* _What is being asked_: Below are records; please set down exactly the lines from the first through the one containing "from ifc_helpers import".

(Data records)
------------------------------------------------

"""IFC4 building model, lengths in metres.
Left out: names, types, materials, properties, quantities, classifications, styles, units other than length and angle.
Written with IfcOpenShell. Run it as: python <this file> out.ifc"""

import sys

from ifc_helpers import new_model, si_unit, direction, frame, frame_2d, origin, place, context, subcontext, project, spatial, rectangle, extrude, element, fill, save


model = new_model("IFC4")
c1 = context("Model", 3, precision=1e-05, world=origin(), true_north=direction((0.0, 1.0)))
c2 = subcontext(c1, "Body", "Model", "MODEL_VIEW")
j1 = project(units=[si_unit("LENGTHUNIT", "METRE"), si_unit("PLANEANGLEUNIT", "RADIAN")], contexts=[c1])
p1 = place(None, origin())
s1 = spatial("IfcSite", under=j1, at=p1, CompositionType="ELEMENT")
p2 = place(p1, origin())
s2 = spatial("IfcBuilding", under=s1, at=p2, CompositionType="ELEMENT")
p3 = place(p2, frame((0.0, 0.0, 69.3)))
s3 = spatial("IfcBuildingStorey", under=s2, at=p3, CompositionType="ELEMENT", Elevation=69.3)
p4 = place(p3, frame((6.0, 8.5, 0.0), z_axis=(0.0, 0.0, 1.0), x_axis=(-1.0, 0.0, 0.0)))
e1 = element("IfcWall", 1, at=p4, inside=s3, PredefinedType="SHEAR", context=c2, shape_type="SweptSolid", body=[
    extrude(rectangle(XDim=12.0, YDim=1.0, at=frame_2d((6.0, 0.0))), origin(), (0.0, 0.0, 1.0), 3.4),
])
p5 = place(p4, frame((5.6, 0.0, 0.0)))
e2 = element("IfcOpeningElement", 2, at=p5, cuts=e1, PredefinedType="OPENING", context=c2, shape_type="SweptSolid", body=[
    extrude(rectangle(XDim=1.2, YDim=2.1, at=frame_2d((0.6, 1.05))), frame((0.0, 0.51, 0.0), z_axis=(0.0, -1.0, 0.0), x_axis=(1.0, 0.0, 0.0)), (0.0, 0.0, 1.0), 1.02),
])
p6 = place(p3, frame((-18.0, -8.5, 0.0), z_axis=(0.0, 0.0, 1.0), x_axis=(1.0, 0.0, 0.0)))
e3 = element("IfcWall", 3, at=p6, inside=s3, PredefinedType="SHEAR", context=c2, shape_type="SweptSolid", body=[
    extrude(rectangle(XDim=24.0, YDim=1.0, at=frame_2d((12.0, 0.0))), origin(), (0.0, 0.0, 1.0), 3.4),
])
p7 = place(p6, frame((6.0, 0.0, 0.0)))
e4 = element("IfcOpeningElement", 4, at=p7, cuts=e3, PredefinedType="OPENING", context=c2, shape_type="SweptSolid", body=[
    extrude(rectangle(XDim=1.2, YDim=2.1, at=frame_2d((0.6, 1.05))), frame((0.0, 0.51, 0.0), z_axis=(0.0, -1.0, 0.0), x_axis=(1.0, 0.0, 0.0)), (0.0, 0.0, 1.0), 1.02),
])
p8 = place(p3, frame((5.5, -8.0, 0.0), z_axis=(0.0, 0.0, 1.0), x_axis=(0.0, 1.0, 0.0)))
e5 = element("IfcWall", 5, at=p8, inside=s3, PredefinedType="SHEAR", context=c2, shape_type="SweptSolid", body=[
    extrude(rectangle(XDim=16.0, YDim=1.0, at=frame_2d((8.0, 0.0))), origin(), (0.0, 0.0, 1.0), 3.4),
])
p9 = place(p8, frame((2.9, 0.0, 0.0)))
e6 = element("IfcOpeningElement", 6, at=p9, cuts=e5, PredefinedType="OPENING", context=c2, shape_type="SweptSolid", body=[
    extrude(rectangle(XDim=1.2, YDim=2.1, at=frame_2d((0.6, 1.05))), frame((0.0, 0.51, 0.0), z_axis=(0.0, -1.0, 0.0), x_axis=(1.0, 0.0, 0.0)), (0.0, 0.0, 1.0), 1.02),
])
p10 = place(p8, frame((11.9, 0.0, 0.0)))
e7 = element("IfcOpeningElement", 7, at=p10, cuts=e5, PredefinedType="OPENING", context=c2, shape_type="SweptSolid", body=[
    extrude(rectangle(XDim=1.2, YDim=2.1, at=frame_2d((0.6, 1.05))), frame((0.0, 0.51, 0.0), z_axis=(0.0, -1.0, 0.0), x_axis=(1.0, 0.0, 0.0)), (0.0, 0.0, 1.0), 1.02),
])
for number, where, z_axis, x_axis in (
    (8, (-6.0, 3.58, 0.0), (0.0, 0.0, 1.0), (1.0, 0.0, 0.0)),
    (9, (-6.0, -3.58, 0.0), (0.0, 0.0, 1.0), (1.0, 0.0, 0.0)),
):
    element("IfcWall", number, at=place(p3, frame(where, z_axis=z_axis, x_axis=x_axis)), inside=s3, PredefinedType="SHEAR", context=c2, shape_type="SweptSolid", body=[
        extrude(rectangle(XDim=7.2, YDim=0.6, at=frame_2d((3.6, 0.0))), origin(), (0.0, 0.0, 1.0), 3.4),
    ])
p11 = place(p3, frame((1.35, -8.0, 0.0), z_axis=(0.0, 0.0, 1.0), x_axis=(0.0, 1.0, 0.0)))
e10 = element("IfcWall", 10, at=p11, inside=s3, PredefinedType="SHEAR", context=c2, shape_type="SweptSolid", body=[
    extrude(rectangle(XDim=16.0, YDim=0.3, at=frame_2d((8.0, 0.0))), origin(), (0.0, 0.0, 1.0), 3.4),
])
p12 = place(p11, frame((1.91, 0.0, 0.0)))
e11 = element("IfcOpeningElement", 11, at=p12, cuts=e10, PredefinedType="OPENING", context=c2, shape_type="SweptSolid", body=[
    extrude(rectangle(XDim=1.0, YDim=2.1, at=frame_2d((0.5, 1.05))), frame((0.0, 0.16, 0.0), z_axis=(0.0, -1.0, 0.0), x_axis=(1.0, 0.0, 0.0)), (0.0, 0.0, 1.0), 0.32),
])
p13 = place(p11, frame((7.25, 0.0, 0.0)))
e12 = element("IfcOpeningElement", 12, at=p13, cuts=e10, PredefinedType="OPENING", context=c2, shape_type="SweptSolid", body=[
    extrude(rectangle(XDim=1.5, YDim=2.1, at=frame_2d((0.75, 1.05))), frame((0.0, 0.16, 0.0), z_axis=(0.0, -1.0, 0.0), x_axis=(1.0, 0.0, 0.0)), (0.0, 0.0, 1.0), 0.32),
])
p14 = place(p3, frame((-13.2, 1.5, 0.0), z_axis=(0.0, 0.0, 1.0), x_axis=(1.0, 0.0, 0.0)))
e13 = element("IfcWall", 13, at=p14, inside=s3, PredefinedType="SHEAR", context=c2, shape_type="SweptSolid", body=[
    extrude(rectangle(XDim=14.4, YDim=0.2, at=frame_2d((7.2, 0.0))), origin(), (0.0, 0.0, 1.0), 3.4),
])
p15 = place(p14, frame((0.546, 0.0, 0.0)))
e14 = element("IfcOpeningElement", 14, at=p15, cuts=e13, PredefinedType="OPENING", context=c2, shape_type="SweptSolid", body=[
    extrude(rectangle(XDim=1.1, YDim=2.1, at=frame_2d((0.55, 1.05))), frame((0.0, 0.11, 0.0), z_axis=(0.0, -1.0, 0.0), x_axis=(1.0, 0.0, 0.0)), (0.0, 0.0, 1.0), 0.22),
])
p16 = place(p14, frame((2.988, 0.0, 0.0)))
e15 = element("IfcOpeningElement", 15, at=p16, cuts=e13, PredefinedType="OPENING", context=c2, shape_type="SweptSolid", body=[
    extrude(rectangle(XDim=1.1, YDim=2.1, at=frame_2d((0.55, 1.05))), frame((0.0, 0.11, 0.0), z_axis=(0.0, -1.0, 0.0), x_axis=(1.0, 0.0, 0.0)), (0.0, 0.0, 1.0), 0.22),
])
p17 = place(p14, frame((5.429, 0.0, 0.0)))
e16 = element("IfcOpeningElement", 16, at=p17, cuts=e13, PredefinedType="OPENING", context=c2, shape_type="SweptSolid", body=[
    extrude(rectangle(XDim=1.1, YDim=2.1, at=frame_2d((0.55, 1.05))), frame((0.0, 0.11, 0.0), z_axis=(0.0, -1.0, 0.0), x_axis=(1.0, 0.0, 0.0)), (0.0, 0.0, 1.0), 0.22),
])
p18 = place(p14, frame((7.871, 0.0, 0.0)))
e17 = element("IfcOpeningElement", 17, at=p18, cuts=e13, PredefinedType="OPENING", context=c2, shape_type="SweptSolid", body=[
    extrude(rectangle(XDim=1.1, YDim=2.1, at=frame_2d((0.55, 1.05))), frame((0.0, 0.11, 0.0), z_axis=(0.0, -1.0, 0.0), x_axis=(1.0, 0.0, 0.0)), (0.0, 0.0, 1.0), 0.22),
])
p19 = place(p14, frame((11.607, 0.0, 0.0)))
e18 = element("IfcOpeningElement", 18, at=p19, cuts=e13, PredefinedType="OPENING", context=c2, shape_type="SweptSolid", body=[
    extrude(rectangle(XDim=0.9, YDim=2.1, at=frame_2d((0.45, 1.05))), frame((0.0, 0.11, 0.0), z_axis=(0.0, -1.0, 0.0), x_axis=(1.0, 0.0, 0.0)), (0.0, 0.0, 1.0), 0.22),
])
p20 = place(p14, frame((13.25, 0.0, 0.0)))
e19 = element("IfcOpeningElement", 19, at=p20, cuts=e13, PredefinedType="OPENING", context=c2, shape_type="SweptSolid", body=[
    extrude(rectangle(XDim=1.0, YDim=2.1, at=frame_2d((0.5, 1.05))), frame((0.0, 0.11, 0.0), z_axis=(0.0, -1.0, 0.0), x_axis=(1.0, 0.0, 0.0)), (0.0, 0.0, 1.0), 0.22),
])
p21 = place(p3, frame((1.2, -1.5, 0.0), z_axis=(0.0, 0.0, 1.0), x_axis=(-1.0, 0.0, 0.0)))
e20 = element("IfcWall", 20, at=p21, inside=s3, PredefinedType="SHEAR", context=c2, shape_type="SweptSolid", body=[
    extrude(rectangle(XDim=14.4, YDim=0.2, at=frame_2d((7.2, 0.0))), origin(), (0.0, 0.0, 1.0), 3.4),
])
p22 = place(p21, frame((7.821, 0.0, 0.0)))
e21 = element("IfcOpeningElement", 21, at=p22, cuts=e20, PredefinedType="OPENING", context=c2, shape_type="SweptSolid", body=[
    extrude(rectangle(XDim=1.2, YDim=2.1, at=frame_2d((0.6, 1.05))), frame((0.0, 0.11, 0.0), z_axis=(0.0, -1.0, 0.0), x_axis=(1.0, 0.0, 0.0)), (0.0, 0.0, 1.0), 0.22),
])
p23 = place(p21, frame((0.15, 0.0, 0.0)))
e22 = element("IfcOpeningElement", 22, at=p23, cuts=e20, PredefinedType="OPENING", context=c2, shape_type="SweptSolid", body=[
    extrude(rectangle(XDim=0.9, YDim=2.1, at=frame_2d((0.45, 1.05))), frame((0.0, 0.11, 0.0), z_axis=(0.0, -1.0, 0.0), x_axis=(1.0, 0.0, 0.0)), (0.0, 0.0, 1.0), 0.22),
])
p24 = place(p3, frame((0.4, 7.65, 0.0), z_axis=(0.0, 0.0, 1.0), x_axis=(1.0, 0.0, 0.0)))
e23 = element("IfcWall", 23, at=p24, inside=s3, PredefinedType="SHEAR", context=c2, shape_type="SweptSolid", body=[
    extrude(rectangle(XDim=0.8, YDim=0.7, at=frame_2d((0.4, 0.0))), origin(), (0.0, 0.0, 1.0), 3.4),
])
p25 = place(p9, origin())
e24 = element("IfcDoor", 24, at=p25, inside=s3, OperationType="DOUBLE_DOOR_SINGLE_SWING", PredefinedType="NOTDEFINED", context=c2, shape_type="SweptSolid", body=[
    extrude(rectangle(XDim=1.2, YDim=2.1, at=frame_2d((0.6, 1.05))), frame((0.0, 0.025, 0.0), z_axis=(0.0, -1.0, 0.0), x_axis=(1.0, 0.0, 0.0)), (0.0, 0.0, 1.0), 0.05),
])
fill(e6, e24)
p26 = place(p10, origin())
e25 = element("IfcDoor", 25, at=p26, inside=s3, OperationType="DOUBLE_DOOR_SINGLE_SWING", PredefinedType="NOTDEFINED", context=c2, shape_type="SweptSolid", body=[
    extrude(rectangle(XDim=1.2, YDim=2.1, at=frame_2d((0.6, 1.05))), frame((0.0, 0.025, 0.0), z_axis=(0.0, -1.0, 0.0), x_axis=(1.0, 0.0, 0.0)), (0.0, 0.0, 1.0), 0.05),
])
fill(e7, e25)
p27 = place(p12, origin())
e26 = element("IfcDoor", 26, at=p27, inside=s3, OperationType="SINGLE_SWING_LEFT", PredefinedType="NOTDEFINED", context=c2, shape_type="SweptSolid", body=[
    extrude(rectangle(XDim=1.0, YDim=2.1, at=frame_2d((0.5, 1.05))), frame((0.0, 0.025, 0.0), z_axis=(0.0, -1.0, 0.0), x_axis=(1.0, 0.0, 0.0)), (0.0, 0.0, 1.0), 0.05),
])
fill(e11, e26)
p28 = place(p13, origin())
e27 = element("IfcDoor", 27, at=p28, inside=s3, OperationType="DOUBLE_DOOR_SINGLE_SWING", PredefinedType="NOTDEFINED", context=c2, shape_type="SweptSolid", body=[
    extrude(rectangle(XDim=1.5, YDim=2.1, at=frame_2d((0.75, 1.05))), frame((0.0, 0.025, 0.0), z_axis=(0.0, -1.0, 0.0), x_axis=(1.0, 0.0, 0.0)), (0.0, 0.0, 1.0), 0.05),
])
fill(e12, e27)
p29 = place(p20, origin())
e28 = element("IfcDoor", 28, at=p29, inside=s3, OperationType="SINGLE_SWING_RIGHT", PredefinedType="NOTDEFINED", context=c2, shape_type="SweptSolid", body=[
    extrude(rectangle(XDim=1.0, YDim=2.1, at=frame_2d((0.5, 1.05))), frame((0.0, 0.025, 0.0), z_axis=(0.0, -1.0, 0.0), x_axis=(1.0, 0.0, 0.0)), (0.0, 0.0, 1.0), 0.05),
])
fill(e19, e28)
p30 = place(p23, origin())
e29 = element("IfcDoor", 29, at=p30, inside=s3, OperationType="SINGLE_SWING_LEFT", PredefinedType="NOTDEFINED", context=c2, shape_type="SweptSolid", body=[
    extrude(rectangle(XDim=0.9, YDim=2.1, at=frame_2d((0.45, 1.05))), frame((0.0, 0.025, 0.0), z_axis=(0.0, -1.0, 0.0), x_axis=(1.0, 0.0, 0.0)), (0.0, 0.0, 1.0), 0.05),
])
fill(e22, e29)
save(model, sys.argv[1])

------------------------------------------------

* _Solution_:
"""IFC4 building model, lengths in metres.
Left out: names, types, materials, properties, quantities, classifications, styles, units other than length and angle.
Written with IfcOpenShell. Run it as: python <this file> out.ifc"""

import sys

from ifc_helpers import new_model, si_unit, direction, frame, frame_2d, origin, place, context, subcontext, project, spatial, rectangle, extrude, element, fill, save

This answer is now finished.